- **What is needed**
Your response should contain each line of the data that includes "EDGE".

[Records from a data collection]
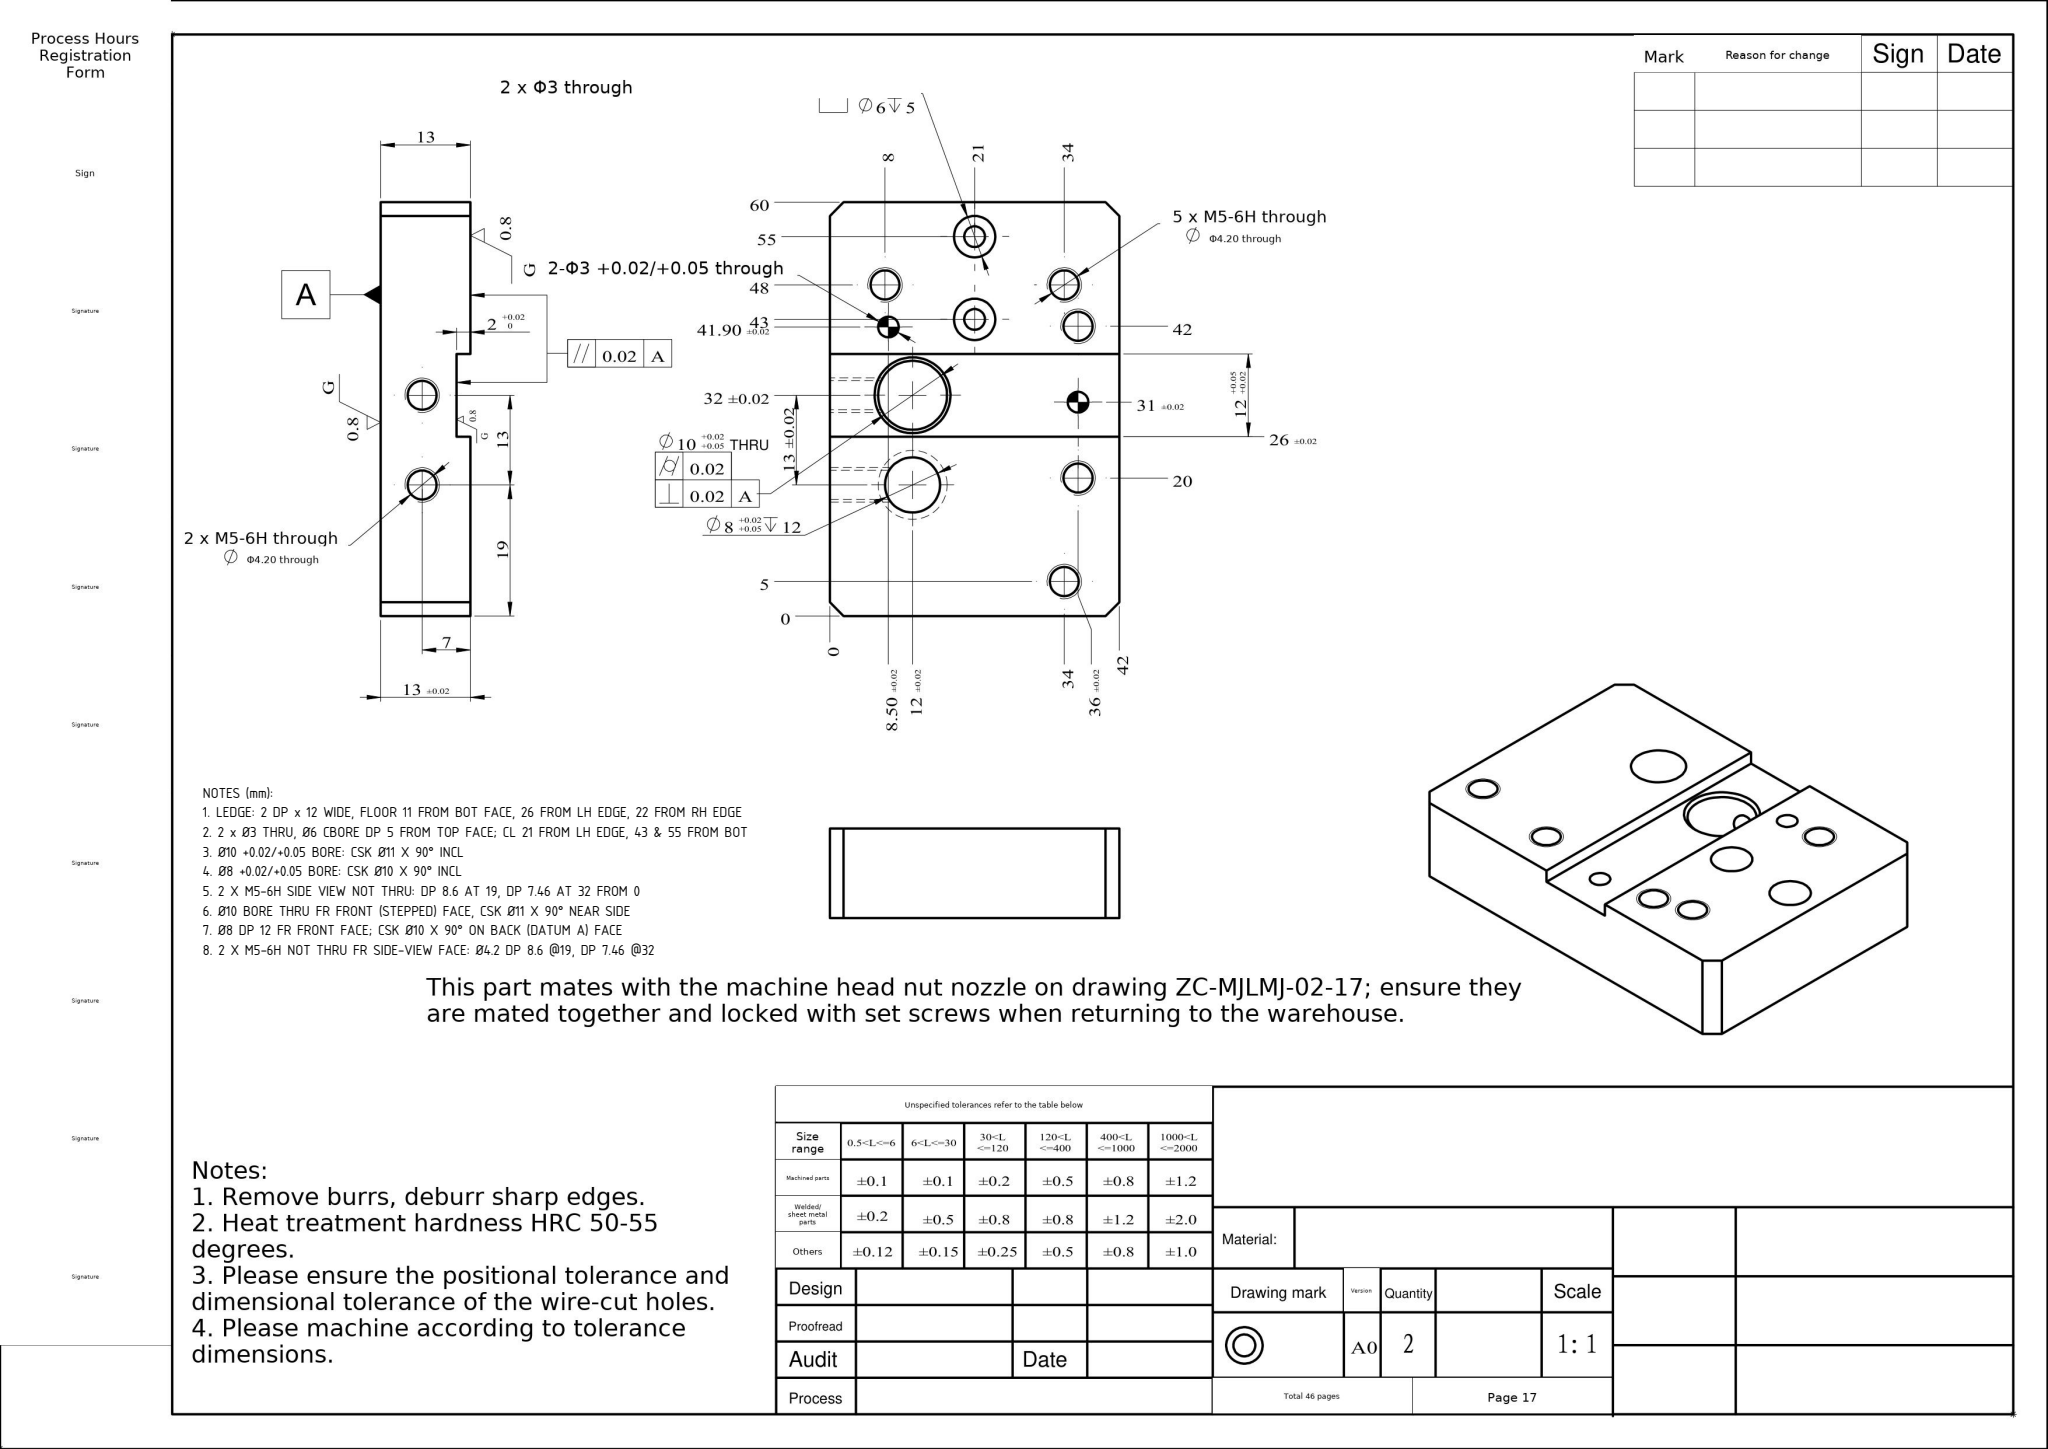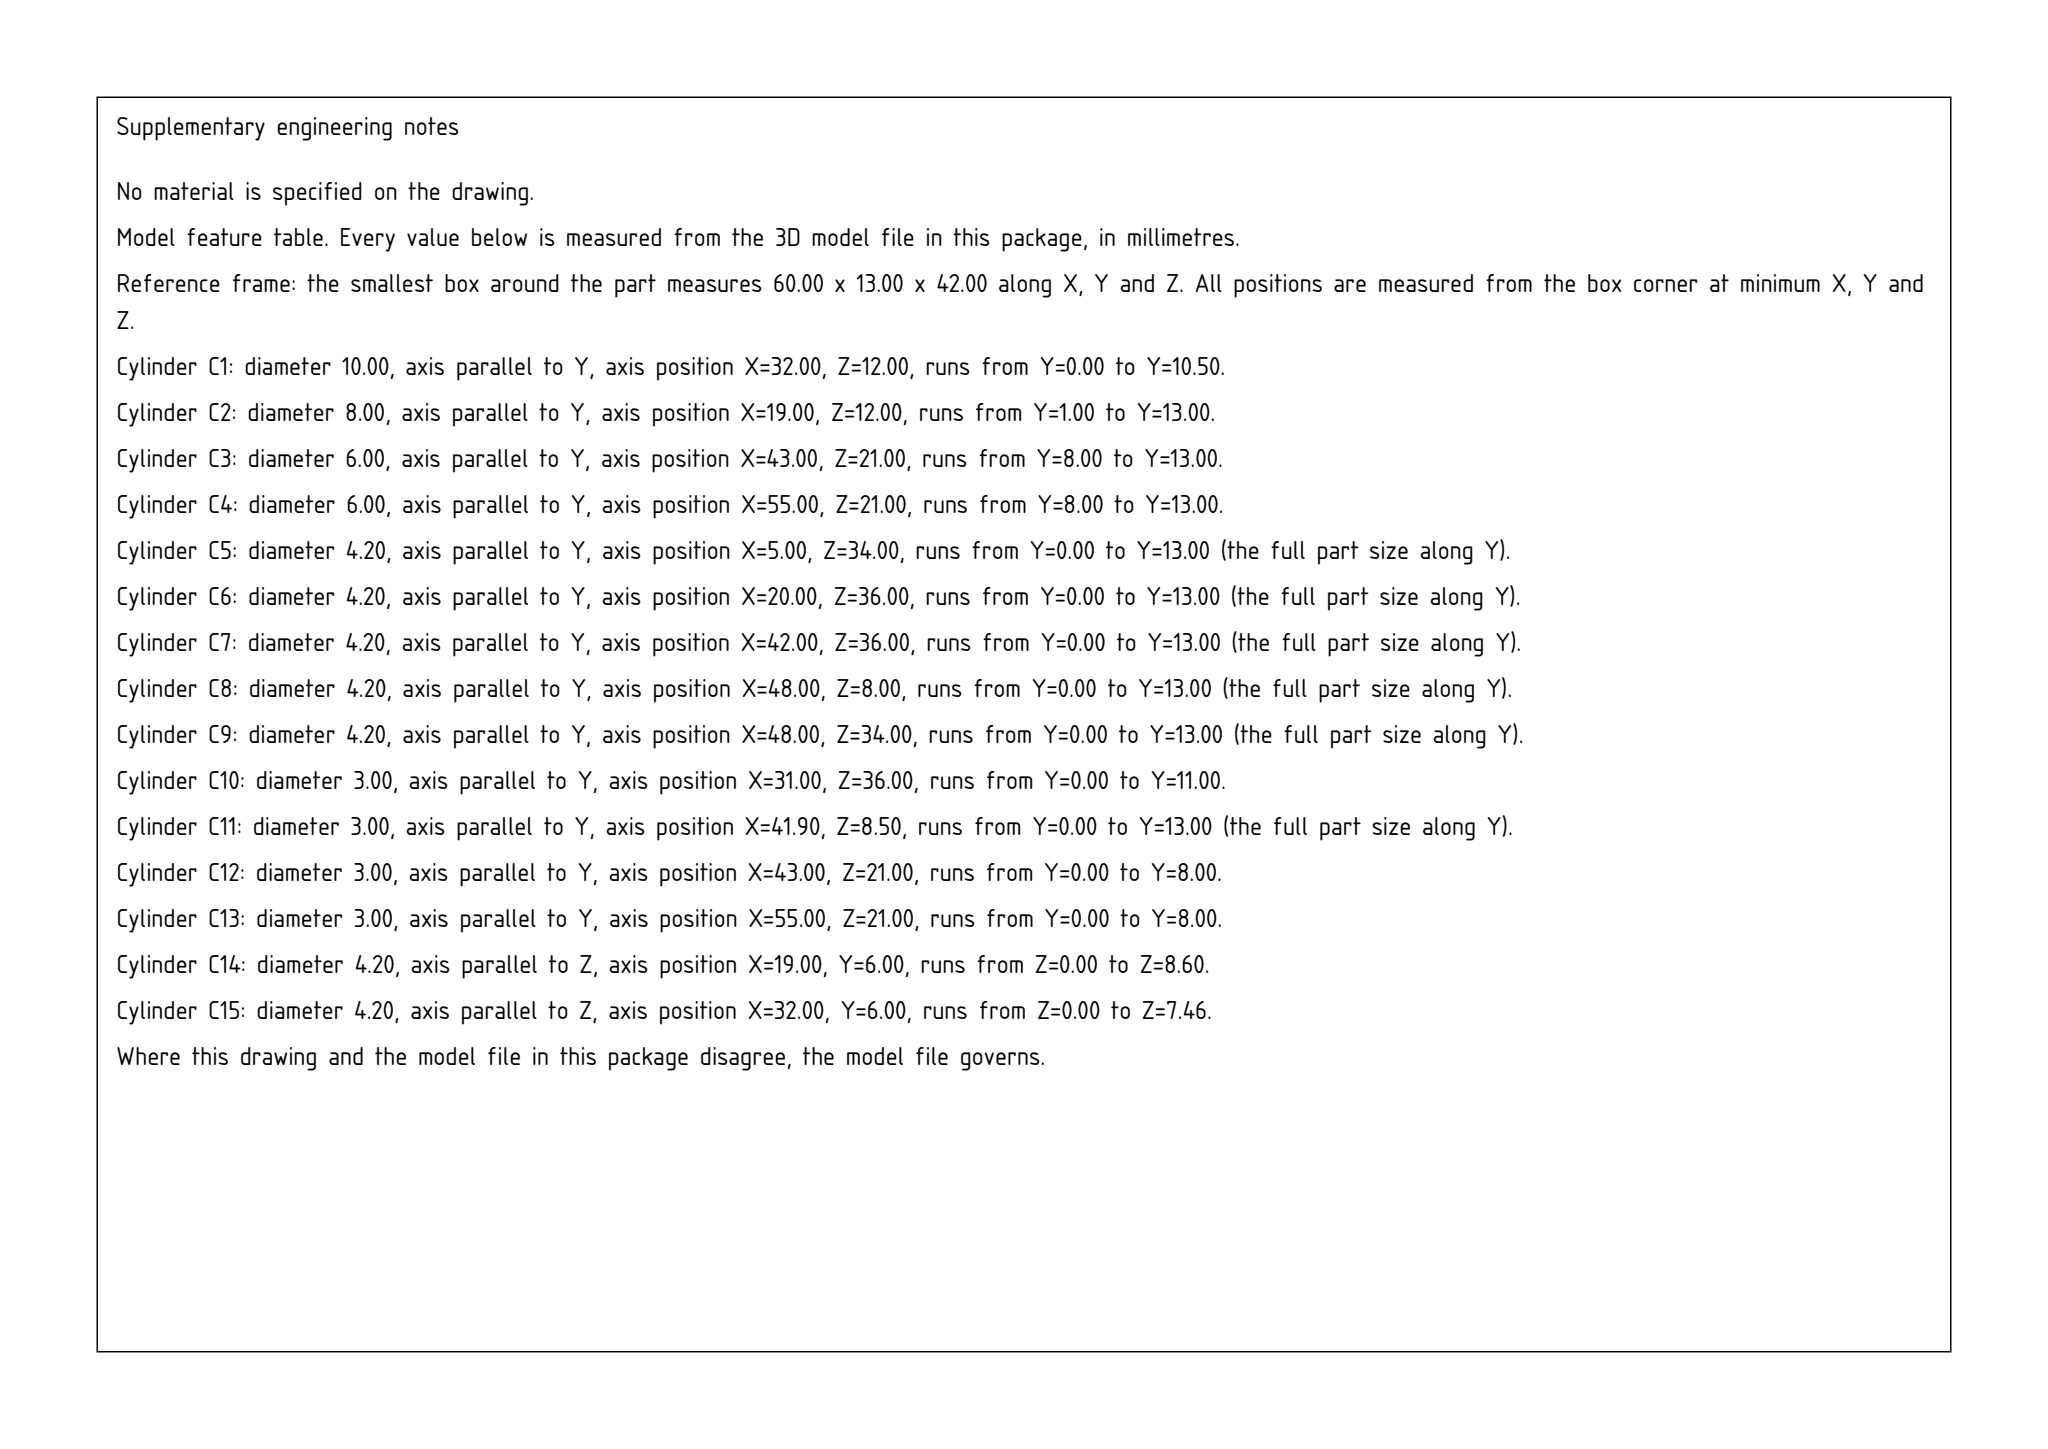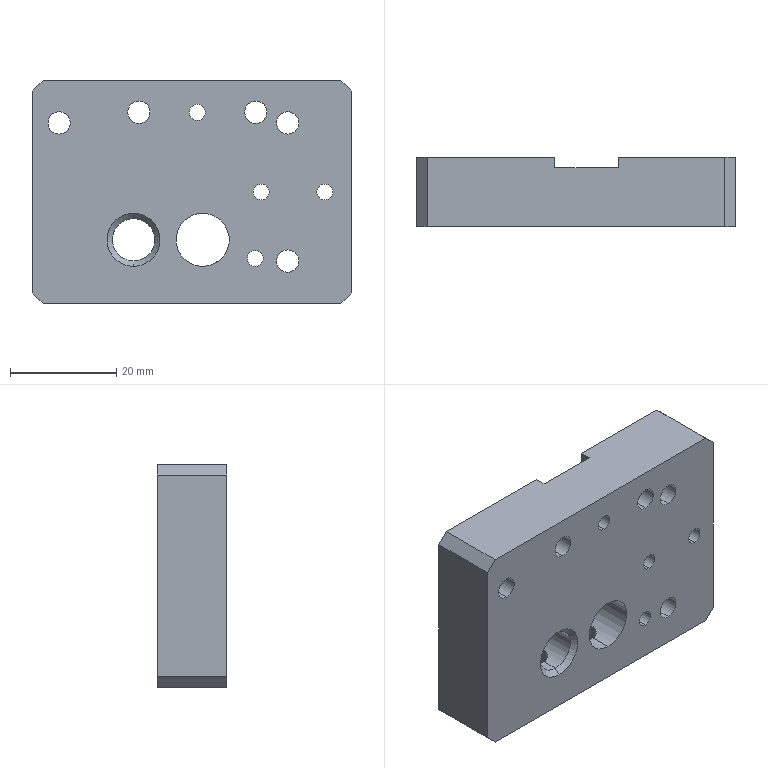Part | SolidWorks | mm | 1 solid | 50 faces | box 60 x 13 x 42 mm | volume 28436 mm3 | cylinder 30 | plane 16 | cone 4 | commonest cylinder face diameters 4.2 x14 3 x8 6 x4 8 x2 10 x2
Drawing notes:
LEDGE: 2 DP x 12 WIDE, FLOOR 11 FROM BOT FACE, 26 FROM LH EDGE, 22 FROM RH EDGE | from the solid: y-planes 0/11/13 (floor 2 below y=13); x-planes 26 & 38 bound 12-wide band, 60-38=22; Ø3 at x=31 len 11
2 x Ø3 THRU, Ø6 CBORE DP 5 FROM TOP FACE; CL 21 FROM LH EDGE, 43 & 55 FROM BOT | from the solid: Ø3 y-axis cyls at [43,21] & [55,21] len 8 + Ø6 same pos len 5, cbore floor y-plane 8.0; 8+5=13 thru
Ø10 +0.02/+0.05 BORE: CSK Ø11 X 90° INCL | from the solid: cones[90.0, ref_dia 11.0] coaxial with Ø10 y-axis bore at x32,z12
Ø8 +0.02/+0.05 BORE: CSK Ø10 X 90° INCL | from the solid: cones[90.0, ref_dia 10.0] coaxial with Ø8 y-axis bore at x19,z12
2 X M5-6H SIDE VIEW NOT THRU: DP 8.6 AT 19, DP 7.46 AT 32 FROM 0 | from the solid: cyl Ø4.2 axis z: (x19,y6) L=8.6 and (x32,y6) L=7.46, from z=0 face, breaking into Ø8/Ø10 bores
Ø10 BORE THRU FR FRONT (STEPPED) FACE, CSK Ø11 X 90° NEAR SIDE | from the solid: Ø10 y-axis cyl at x32,z12, L=10.5 in 11 thk step zone (y-planes 11 & 13); cone 90°, ref dia 11; 10.5+0.5=11 => breaks thru at y=11 step face
Ø8 DP 12 FR FRONT FACE; CSK Ø10 X 90° ON BACK (DATUM A) FACE | from the solid: Ø8 y-axis cyl at x19,z12, L=12 in 13 thk zone; cone 90° ref dia 10 => 1 deep; 12+1=13 full thk, csk on opposite face
2 X M5-6H NOT THRU FR SIDE-VIEW FACE: Ø4.2 DP 8.6 @19, DP 7.46 @32 | from the solid: Ø4.2 z-axis cyls at (x19,y6) L=8.6 and (x32,y6) L=7.46, part Z size 42 => blind
build123d program:
from build123d import *

# Parameters (mm, degrees)
SKETCH1_W              = 60
SKETCH1_H              = 42
BOSS_EXTRUDE1_DEPTH    = 13
CUT_EXTRUDE1_REACH     = 55.226
SKETCH2_W              = 12
SKETCH2_H              = 2
SKETCH3_R              = 5
SKETCH3_R_2            = 4
CUT_EXTRUDE2_DEPTH     = 13
M5_TAPPED_HOLE1_D      = 4.2
CUT_EXTRUDE4_REACH     = 40.859
SKETCH7_R              = 1.5
M5_TAPPED_HOLE2_REACH  = 55.226
M5_TAPPED_HOLE2_BORE_R = 2.1
CUT_EXTRUDE5_REACH     = 40.859
SKETCH10_R             = 1.5
SKETCH11_R             = 3
CUT_EXTRUDE6_DEPTH     = 5
CHAMFER2_SIZE          = 1
CHAMFER3_SIZE          = 0.5
CHAMFER4_SIZE          = 2


with BuildPart() as part:
    # Sketch1 → Boss-Extrude1 (new body)
    with BuildSketch(Plane(origin=(0, 0, 0), x_dir=(1, 0, 0), z_dir=(0, 1, 0))):
        Rectangle(SKETCH1_W, SKETCH1_H)
    extrude(amount=BOSS_EXTRUDE1_DEPTH)

    # Sketch2 → Cut-Extrude1 (cut, up to next)
    with BuildSketch(Plane.XY.offset(21), mode=Mode.PRIVATE) as cut_extrude1_sk1:
        with Locations((2, 12)):
            Rectangle(SKETCH2_W, SKETCH2_H)
    cut_extrude1_tool1 = extrude(cut_extrude1_sk1.sketch, amount=-CUT_EXTRUDE1_REACH, mode=Mode.PRIVATE) & part.part
    add(cut_extrude1_tool1.solids().sort_by_distance((2, 12, 21))[0], mode=Mode.SUBTRACT)

    # Sketch3 → Cut-Extrude2 (cut)
    with BuildSketch(Plane(origin=(0, 13, 0), x_dir=(1, 0, 0), z_dir=(0, 1, 0))):
        with Locations(Location((2, 9, 0), (0, 0, 270))):
            Circle(SKETCH3_R)
        with Locations(Location((-11, 9, 0), (0, 0, 270))):
            Circle(SKETCH3_R_2)
    extrude(amount=-CUT_EXTRUDE2_DEPTH, mode=Mode.SUBTRACT)

    # M5 Tapped Hole1 (through all)
    with Locations(Plane(origin=(0, 13, 0), x_dir=(1, 0, 0), z_dir=(0, 1, 0))):
        with Locations((18, 13), (18, -13), (-25, -13), (-10, -15), (12, -15)):
            Hole(M5_TAPPED_HOLE1_D / 2)

    # Sketch7 → Cut-Extrude4 (cut, up to next)
    with BuildSketch(Plane(origin=(0, 13, 0), x_dir=(1, 0, 0), z_dir=(0, 1, 0)), mode=Mode.PRIVATE) as cut_extrude4_sk1:
        with Locations(Location((1, -15, 0), (0, 0, 270))):
            Circle(SKETCH7_R)
    cut_extrude4_tool1 = extrude(cut_extrude4_sk1.sketch, amount=-CUT_EXTRUDE4_REACH, mode=Mode.PRIVATE) & part.part
    # Sketch7 → Cut-Extrude4 (cut, up to next)
    with BuildSketch(Plane(origin=(0, 13, 0), x_dir=(1, 0, 0), z_dir=(0, 1, 0)), mode=Mode.PRIVATE) as cut_extrude4_sk2:
        with Locations(Location((11.9, 12.5, 0), (0, 0, 270))):
            Circle(SKETCH7_R)
    cut_extrude4_tool2 = extrude(cut_extrude4_sk2.sketch, amount=-CUT_EXTRUDE4_REACH, mode=Mode.PRIVATE) & part.part
    add(cut_extrude4_tool1.solids().sort_by_distance((1, 13, 15))[0], mode=Mode.SUBTRACT)
    add(cut_extrude4_tool2.solids().sort_by_distance((11.9, 13, -12.5))[0], mode=Mode.SUBTRACT)

    # M5 Tapped Hole2 bore → M5 Tapped Hole2 (cut, up to next)
    with BuildSketch(Plane(origin=(0, 0, -21), x_dir=(-1, 0, 0), z_dir=(0, 0, -1)), mode=Mode.PRIVATE) as m5_tapped_hole2_sk1:
        with Locations((11, 6)):
            Circle(M5_TAPPED_HOLE2_BORE_R)
    m5_tapped_hole2_tool1 = extrude(m5_tapped_hole2_sk1.sketch, amount=-M5_TAPPED_HOLE2_REACH, mode=Mode.PRIVATE) & part.part
    # M5 Tapped Hole2 bore → M5 Tapped Hole2 (cut, up to next)
    with BuildSketch(Plane(origin=(0, 0, -21), x_dir=(-1, 0, 0), z_dir=(0, 0, -1)), mode=Mode.PRIVATE) as m5_tapped_hole2_sk2:
        with Locations((-2, 6)):
            Circle(M5_TAPPED_HOLE2_BORE_R)
    m5_tapped_hole2_tool2 = extrude(m5_tapped_hole2_sk2.sketch, amount=-M5_TAPPED_HOLE2_REACH, mode=Mode.PRIVATE) & part.part
    add(m5_tapped_hole2_tool1.solids().sort_by_distance((-11, 6, -21))[0], mode=Mode.SUBTRACT)
    add(m5_tapped_hole2_tool2.solids().sort_by_distance((2, 6, -21))[0], mode=Mode.SUBTRACT)

    # Sketch10 → Cut-Extrude5 (cut, up to next)
    with BuildSketch(Plane(origin=(0, 13, 0), x_dir=(1, 0, 0), z_dir=(0, 1, 0)), mode=Mode.PRIVATE) as cut_extrude5_sk1:
        with Locations(Location((25, 0, 0), (0, 0, 270))):
            Circle(SKETCH10_R)
    cut_extrude5_tool1 = extrude(cut_extrude5_sk1.sketch, amount=-CUT_EXTRUDE5_REACH, mode=Mode.PRIVATE) & part.part
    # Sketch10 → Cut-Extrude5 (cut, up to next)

- **Completed task**
LEDGE: 2 DP x 12 WIDE, FLOOR 11 FROM BOT FACE, 26 FROM LH EDGE, 22 FROM RH EDGE | from the solid: y-planes 0/11/13 (floor 2 below y=13); x-planes 26 & 38 bound 12-wide band, 60-38=22; Ø3 at x=31 len 11
2 x Ø3 THRU, Ø6 CBORE DP 5 FROM TOP FACE; CL 21 FROM LH EDGE, 43 & 55 FROM BOT | from the solid: Ø3 y-axis cyls at [43,21] & [55,21] len 8 + Ø6 same pos len 5, cbore floor y-plane 8.0; 8+5=13 thru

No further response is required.